What you have to do: The records appear below. Report how many of their lines contain the word "COLUMN", giving the number alone.

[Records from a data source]
.....

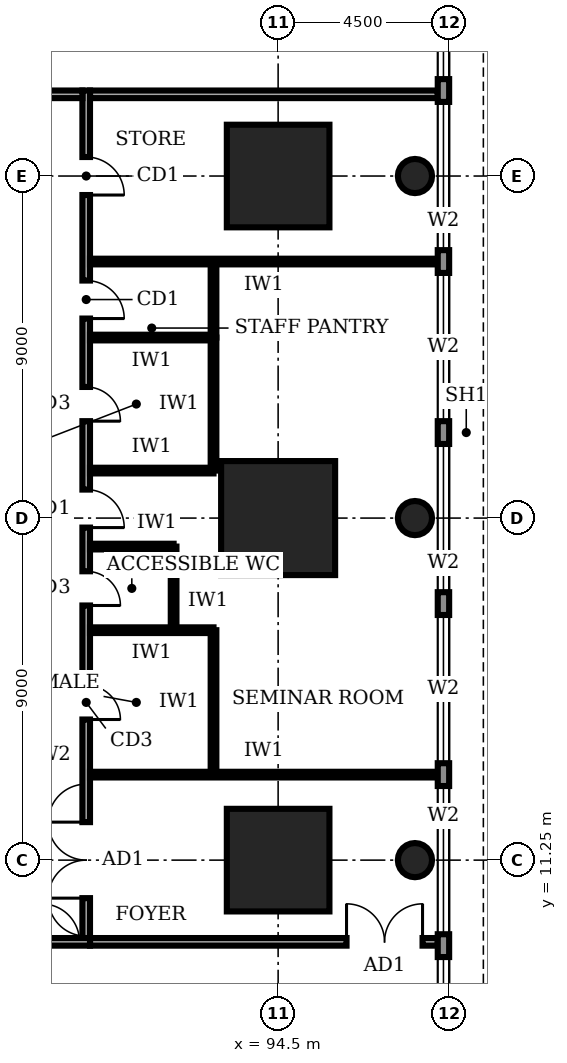
"""IFC4 building model, lengths in metres.
Left out: names, types, materials, properties, quantities, classifications, styles, units other than length and angle.
Written with IfcOpenShell. Run it as: python <this file> out.ifc"""

import sys

from ifc_helpers import new_model, si_unit, direction, frame, frame_2d, origin, origin_2d, place, context, subcontext, project, spatial, rectangle, circle, extrude, element, fill, save


model = new_model("IFC4")
c1 = context("Model", 3, precision=1e-05, world=origin(), true_north=direction((0.0, 1.0)))
c2 = subcontext(c1, "Body", "Model", "MODEL_VIEW")
j1 = project(units=[si_unit("LENGTHUNIT", "METRE"), si_unit("PLANEANGLEUNIT", "RADIAN")], contexts=[c1])
p1 = place(None, origin())
s1 = spatial("IfcSite", under=j1, at=p1, CompositionType="ELEMENT")
p2 = place(p1, origin())
s2 = spatial("IfcBuilding", under=s1, at=p2, CompositionType="ELEMENT")
p3 = place(p2, frame((0.0, 0.0, 6.0)))
s3 = spatial("IfcBuildingStorey", under=s2, at=p3, CompositionType="ELEMENT", Elevation=6.0)
p4 = place(p3, frame((94.5, 11.25, 0.0), z_axis=(0.0, 0.0, 1.0), x_axis=(1.0, 0.0, 0.0)))
e1 = element("IfcColumn", 1, at=p4, inside=s3, PredefinedType="COLUMN", context=c2, shape_type="SweptSolid", body=[
    extrude(rectangle(XDim=2.7, YDim=2.7, at=origin_2d()), origin(), (0.0, 0.0, 1.0), 5.0),
])
p5 = place(p3, frame((94.5, 20.25, 0.0), z_axis=(0.0, 0.0, 1.0), x_axis=(1.0, 0.0, 0.0)))
e2 = element("IfcColumn", 2, at=p5, inside=s3, PredefinedType="COLUMN", context=c2, shape_type="SweptSolid", body=[
    extrude(rectangle(XDim=3.0, YDim=3.0, at=origin_2d()), origin(), (0.0, 0.0, 1.0), 5.0),
])
p6 = place(p3, frame((94.5, 29.25, 0.0), z_axis=(0.0, 0.0, 1.0), x_axis=(1.0, 0.0, 0.0)))
e3 = element("IfcColumn", 3, at=p6, inside=s3, PredefinedType="COLUMN", context=c2, shape_type="SweptSolid", body=[
    extrude(rectangle(XDim=2.7, YDim=2.7, at=origin_2d()), origin(), (0.0, 0.0, 1.0), 5.0),
])
for number, where, z_axis, x_axis in (
    (4, (98.1, 11.25, 0.0), (0.0, 0.0, 1.0), (1.0, 0.0, 0.0)),
    (5, (98.1, 20.25, 0.0), (0.0, 0.0, 1.0), (1.0, 0.0, 0.0)),
    (6, (98.1, 29.25, 0.0), (0.0, 0.0, 1.0), (1.0, 0.0, 0.0)),
):
    element("IfcColumn", number, at=place(p3, frame(where, z_axis=z_axis, x_axis=x_axis)), inside=s3, PredefinedType="COLUMN", context=c2, shape_type="SweptSolid", body=[
        extrude(circle(Radius=0.45, at=origin_2d()), origin(), (0.0, 0.0, 1.0), 5.0),
    ])
p7 = place(p3, frame((98.85, -4.48, 0.0), z_axis=(0.0, 0.0, 1.0), x_axis=(0.0, 1.0, 0.0)))
e7 = element("IfcWall", 7, at=p7, inside=s3, PredefinedType="STANDARD", context=c2, shape_type="SweptSolid", body=[
    extrude(rectangle(XDim=53.96, YDim=0.3, at=frame_2d((26.98, 0.0))), origin(), (0.0, 0.0, 1.0), 4.7),
])
p8 = place(p7, frame((4.78, 0.0, 0.6)))
e8 = element("IfcOpeningElement", 8, at=p8, cuts=e7, PredefinedType="OPENING", context=c2, shape_type="SweptSolid", body=[
    extrude(rectangle(XDim=3.9, YDim=2.6, at=frame_2d((1.95, 1.3))), frame((0.0, 0.16, 0.0), z_axis=(0.0, -1.0, 0.0), x_axis=(1.0, 0.0, 0.0)), (0.0, 0.0, 1.0), 0.32),
])
p9 = place(p7, frame((9.28, 0.0, 0.6)))
e9 = element("IfcOpeningElement", 9, at=p9, cuts=e7, PredefinedType="OPENING", context=c2, shape_type="SweptSolid", body=[
    extrude(rectangle(XDim=3.9, YDim=2.6, at=frame_2d((1.95, 1.3))), frame((0.0, 0.16, 0.0), z_axis=(0.0, -1.0, 0.0), x_axis=(1.0, 0.0, 0.0)), (0.0, 0.0, 1.0), 0.32),
])
p10 = place(p7, frame((13.78, 0.0, 0.6)))
e10 = element("IfcOpeningElement", 10, at=p10, cuts=e7, PredefinedType="OPENING", context=c2, shape_type="SweptSolid", body=[
    extrude(rectangle(XDim=3.9, YDim=2.6, at=frame_2d((1.95, 1.3))), frame((0.0, 0.16, 0.0), z_axis=(0.0, -1.0, 0.0), x_axis=(1.0, 0.0, 0.0)), (0.0, 0.0, 1.0), 0.32),
])
p11 = place(p7, frame((18.28, 0.0, 0.6)))
e11 = element("IfcOpeningElement", 11, at=p11, cuts=e7, PredefinedType="OPENING", context=c2, shape_type="SweptSolid", body=[
    extrude(rectangle(XDim=3.9, YDim=2.6, at=frame_2d((1.95, 1.3))), frame((0.0, 0.16, 0.0), z_axis=(0.0, -1.0, 0.0), x_axis=(1.0, 0.0, 0.0)), (0.0, 0.0, 1.0), 0.32),
])
p12 = place(p7, frame((22.78, 0.0, 0.6)))
e12 = element("IfcOpeningElement", 12, at=p12, cuts=e7, PredefinedType="OPENING", context=c2, shape_type="SweptSolid", body=[
    extrude(rectangle(XDim=3.9, YDim=2.6, at=frame_2d((1.95, 1.3))), frame((0.0, 0.16, 0.0), z_axis=(0.0, -1.0, 0.0), x_axis=(1.0, 0.0, 0.0)), (0.0, 0.0, 1.0), 0.32),
])
p13 = place(p7, frame((27.28, 0.0, 0.6)))
e13 = element("IfcOpeningElement", 13, at=p13, cuts=e7, PredefinedType="OPENING", context=c2, shape_type="SweptSolid", body=[
    extrude(rectangle(XDim=3.9, YDim=2.6, at=frame_2d((1.95, 1.3))), frame((0.0, 0.16, 0.0), z_axis=(0.0, -1.0, 0.0), x_axis=(1.0, 0.0, 0.0)), (0.0, 0.0, 1.0), 0.32),
])
p14 = place(p7, frame((31.78, 0.0, 0.6)))
e14 = element("IfcOpeningElement", 14, at=p14, cuts=e7, PredefinedType="OPENING", context=c2, shape_type="SweptSolid", body=[
    extrude(rectangle(XDim=3.9, YDim=2.6, at=frame_2d((1.95, 1.3))), frame((0.0, 0.16, 0.0), z_axis=(0.0, -1.0, 0.0), x_axis=(1.0, 0.0, 0.0)), (0.0, 0.0, 1.0), 0.32),
])
p15 = place(p7, frame((36.28, 0.0, 0.6)))
e15 = element("IfcOpeningElement", 15, at=p15, cuts=e7, PredefinedType="OPENING", context=c2, shape_type="SweptSolid", body=[
    extrude(rectangle(XDim=3.9, YDim=2.6, at=frame_2d((1.95, 1.3))), frame((0.0, 0.16, 0.0), z_axis=(0.0, -1.0, 0.0), x_axis=(1.0, 0.0, 0.0)), (0.0, 0.0, 1.0), 0.32),
])
p16 = place(p7, frame((40.78, 0.0, 0.6)))
e16 = element("IfcOpeningElement", 16, at=p16, cuts=e7, PredefinedType="OPENING", context=c2, shape_type="SweptSolid", body=[
    extrude(rectangle(XDim=3.9, YDim=2.6, at=frame_2d((1.95, 1.3))), frame((0.0, 0.16, 0.0), z_axis=(0.0, -1.0, 0.0), x_axis=(1.0, 0.0, 0.0)), (0.0, 0.0, 1.0), 0.32),
])
p17 = place(p7, frame((45.28, 0.0, 0.6)))
e17 = element("IfcOpeningElement", 17, at=p17, cuts=e7, PredefinedType="OPENING", context=c2, shape_type="SweptSolid", body=[
    extrude(rectangle(XDim=3.9, YDim=2.6, at=frame_2d((1.95, 1.3))), frame((0.0, 0.16, 0.0), z_axis=(0.0, -1.0, 0.0), x_axis=(1.0, 0.0, 0.0)), (0.0, 0.0, 1.0), 0.32),
])
p18 = place(p7, frame((49.78, 0.0, 0.6)))
e18 = element("IfcOpeningElement", 18, at=p18, cuts=e7, PredefinedType="OPENING", context=c2, shape_type="SweptSolid", body=[
    extrude(rectangle(XDim=3.9, YDim=2.6, at=frame_2d((1.95, 1.3))), frame((0.0, 0.16, 0.0), z_axis=(0.0, -1.0, 0.0), x_axis=(1.0, 0.0, 0.0)), (0.0, 0.0, 1.0), 0.32),
])
p19 = place(p3, frame((72.65, 9.1, 0.0), z_axis=(0.0, 0.0, 1.0), x_axis=(1.0, 0.0, 0.0)))
e19 = element("IfcWall", 19, at=p19, inside=s3, PredefinedType="SOLIDWALL", context=c2, shape_type="SweptSolid", body=[
    extrude(rectangle(XDim=16.9, YDim=0.2, at=frame_2d((8.45, 0.0))), origin(), (0.0, 0.0, 1.0), 4.7),
])
p20 = place(p19, frame((0.975, 0.0, 0.0)))
e20 = element("IfcOpeningElement", 20, at=p20, cuts=e19, PredefinedType="OPENING", context=c2, shape_type="SweptSolid", body=[
    extrude(rectangle(XDim=1.8, YDim=2.1, at=frame_2d((0.9, 1.05))), frame((0.0, 0.11, 0.0), z_axis=(0.0, -1.0, 0.0), x_axis=(1.0, 0.0, 0.0)), (0.0, 0.0, 1.0), 0.22),
])
p21 = place(p19, frame((7.35, 0.0, 0.0)))
e21 = element("IfcOpeningElement", 21, at=p21, cuts=e19, PredefinedType="OPENING", context=c2, shape_type="SweptSolid", body=[
    extrude(rectangle(XDim=2.0, YDim=2.4, at=frame_2d((1.0, 1.2))), frame((0.0, 0.11, 0.0), z_axis=(0.0, -1.0, 0.0), x_axis=(1.0, 0.0, 0.0)), (0.0, 0.0, 1.0), 0.22),
])
p22 = place(p19, frame((13.625, 0.0, 0.0)))
e22 = element("IfcOpeningElement", 22, at=p22, cuts=e19, PredefinedType="OPENING", context=c2, shape_type="SweptSolid", body=[
    extrude(rectangle(XDim=2.0, YDim=2.4, at=frame_2d((1.0, 1.2))), frame((0.0, 0.11, 0.0), z_axis=(0.0, -1.0, 0.0), x_axis=(1.0, 0.0, 0.0)), (0.0, 0.0, 1.0), 0.22),
])
p23 = place(p3, frame((89.45, 9.2, 0.0), z_axis=(0.0, 0.0, 1.0), x_axis=(0.0, 1.0, 0.0)))
e23 = element("IfcWall", 23, at=p23, inside=s3, PredefinedType="SOLIDWALL", context=c2, shape_type="SweptSolid", body=[
    extrude(rectangle(XDim=22.3, YDim=0.2, at=frame_2d((11.15, 0.0))), origin(), (0.0, 0.0, 1.0), 4.7),
])
p24 = place(p23, frame((1.05, 0.0, 0.0)))
e24 = element("IfcOpeningElement", 24, at=p24, cuts=e23, PredefinedType="OPENING", context=c2, shape_type="SweptSolid", body=[
    extrude(rectangle(XDim=2.0, YDim=2.4, at=frame_2d((1.0, 1.2))), frame((0.0, 0.11, 0.0), z_axis=(0.0, -1.0, 0.0), x_axis=(1.0, 0.0, 0.0)), (0.0, 0.0, 1.0), 0.22),
])
p25 = place(p23, frame((5.75, 0.0, 0.0)))
e25 = element("IfcOpeningElement", 25, at=p25, cuts=e23, PredefinedType="OPENING", context=c2, shape_type="SweptSolid", body=[
    extrude(rectangle(XDim=0.9, YDim=2.1, at=frame_2d((0.45, 1.05))), frame((0.0, 0.11, 0.0), z_axis=(0.0, -1.0, 0.0), x_axis=(1.0, 0.0, 0.0)), (0.0, 0.0, 1.0), 0.22),
])
p26 = place(p23, frame((8.75, 0.0, 0.0)))
e26 = element("IfcOpeningElement", 26, at=p26, cuts=e23, PredefinedType="OPENING", context=c2, shape_type="SweptSolid", body=[
    extrude(rectangle(XDim=0.9, YDim=2.1, at=frame_2d((0.45, 1.05))), frame((0.0, 0.11, 0.0), z_axis=(0.0, -1.0, 0.0), x_axis=(1.0, 0.0, 0.0)), (0.0, 0.0, 1.0), 0.22),
])
p27 = place(p23, frame((13.6, 0.0, 0.0)))
e27 = element("IfcOpeningElement", 27, at=p27, cuts=e23, PredefinedType="OPENING", context=c2, shape_type="SweptSolid", body=[
    extrude(rectangle(XDim=0.9, YDim=2.1, at=frame_2d((0.45, 1.05))), frame((0.0, 0.11, 0.0), z_axis=(0.0, -1.0, 0.0), x_axis=(1.0, 0.0, 0.0)), (0.0, 0.0, 1.0), 0.22),
])
p28 = place(p23, frame((16.3, 0.0, 0.0)))
e28 = element("IfcOpeningElement", 28, at=p28, cuts=e23, PredefinedType="OPENING", context=c2, shape_type="SweptSolid", body=[
    extrude(rectangle(XDim=1.0, YDim=2.1, at=frame_2d((0.5, 1.05))), frame((0.0, 0.11, 0.0), z_axis=(0.0, -1.0, 0.0), x_axis=(1.0, 0.0, 0.0)), (0.0, 0.0, 1.0), 0.22),
])
p29 = place(p23, frame((10.8, 0.0, 0.0)))
e29 = element("IfcOpeningElement", 29, at=p29, cuts=e23, PredefinedType="OPENING", context=c2, shape_type="SweptSolid", body=[
    extrude(rectangle(XDim=1.0, YDim=2.1, at=frame_2d((0.5, 1.05))), frame((0.0, 0.11, 0.0), z_axis=(0.0, -1.0, 0.0), x_axis=(1.0, 0.0, 0.0)), (0.0, 0.0, 1.0), 0.22),
])
p30 = place(p23, frame((19.55, 0.0, 0.0)))
e30 = element("IfcOpeningElement", 30, at=p30, cuts=e23, PredefinedType="OPENING", context=c2, shape_type="SweptSolid", body=[
    extrude(rectangle(XDim=1.0, YDim=2.1, at=frame_2d((0.5, 1.05))), frame((0.0, 0.11, 0.0), z_axis=(0.0, -1.0, 0.0), x_axis=(1.0, 0.0, 0.0)), (0.0, 0.0, 1.0), 0.22),
])
p31 = place(p3, frame((89.35, 31.4, 0.0), z_axis=(0.0, 0.0, 1.0), x_axis=(-1.0, 0.0, 0.0)))
e31 = element("IfcWall", 31, at=p31, inside=s3, PredefinedType="SOLIDWALL", context=c2, shape_type="SweptSolid", body=[
    extrude(rectangle(XDim=16.9, YDim=0.2, at=frame_2d((8.45, 0.0))), origin(), (0.0, 0.0, 1.0), 4.7),
])
p32 = place(p31, frame((13.925, 0.0, 0.0)))
e32 = element("IfcOpeningElement", 32, at=p32, cuts=e31, PredefinedType="OPENING", context=c2, shape_type="SweptSolid", body=[
    extrude(rectangle(XDim=1.8, YDim=2.1, at=frame_2d((0.9, 1.05))), frame((0.0, 0.11, 0.0), z_axis=(0.0, -1.0, 0.0), x_axis=(1.0, 0.0, 0.0)), (0.0, 0.0, 1.0), 0.22),
])
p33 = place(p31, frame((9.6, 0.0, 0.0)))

.....

Solution to this exercise: 4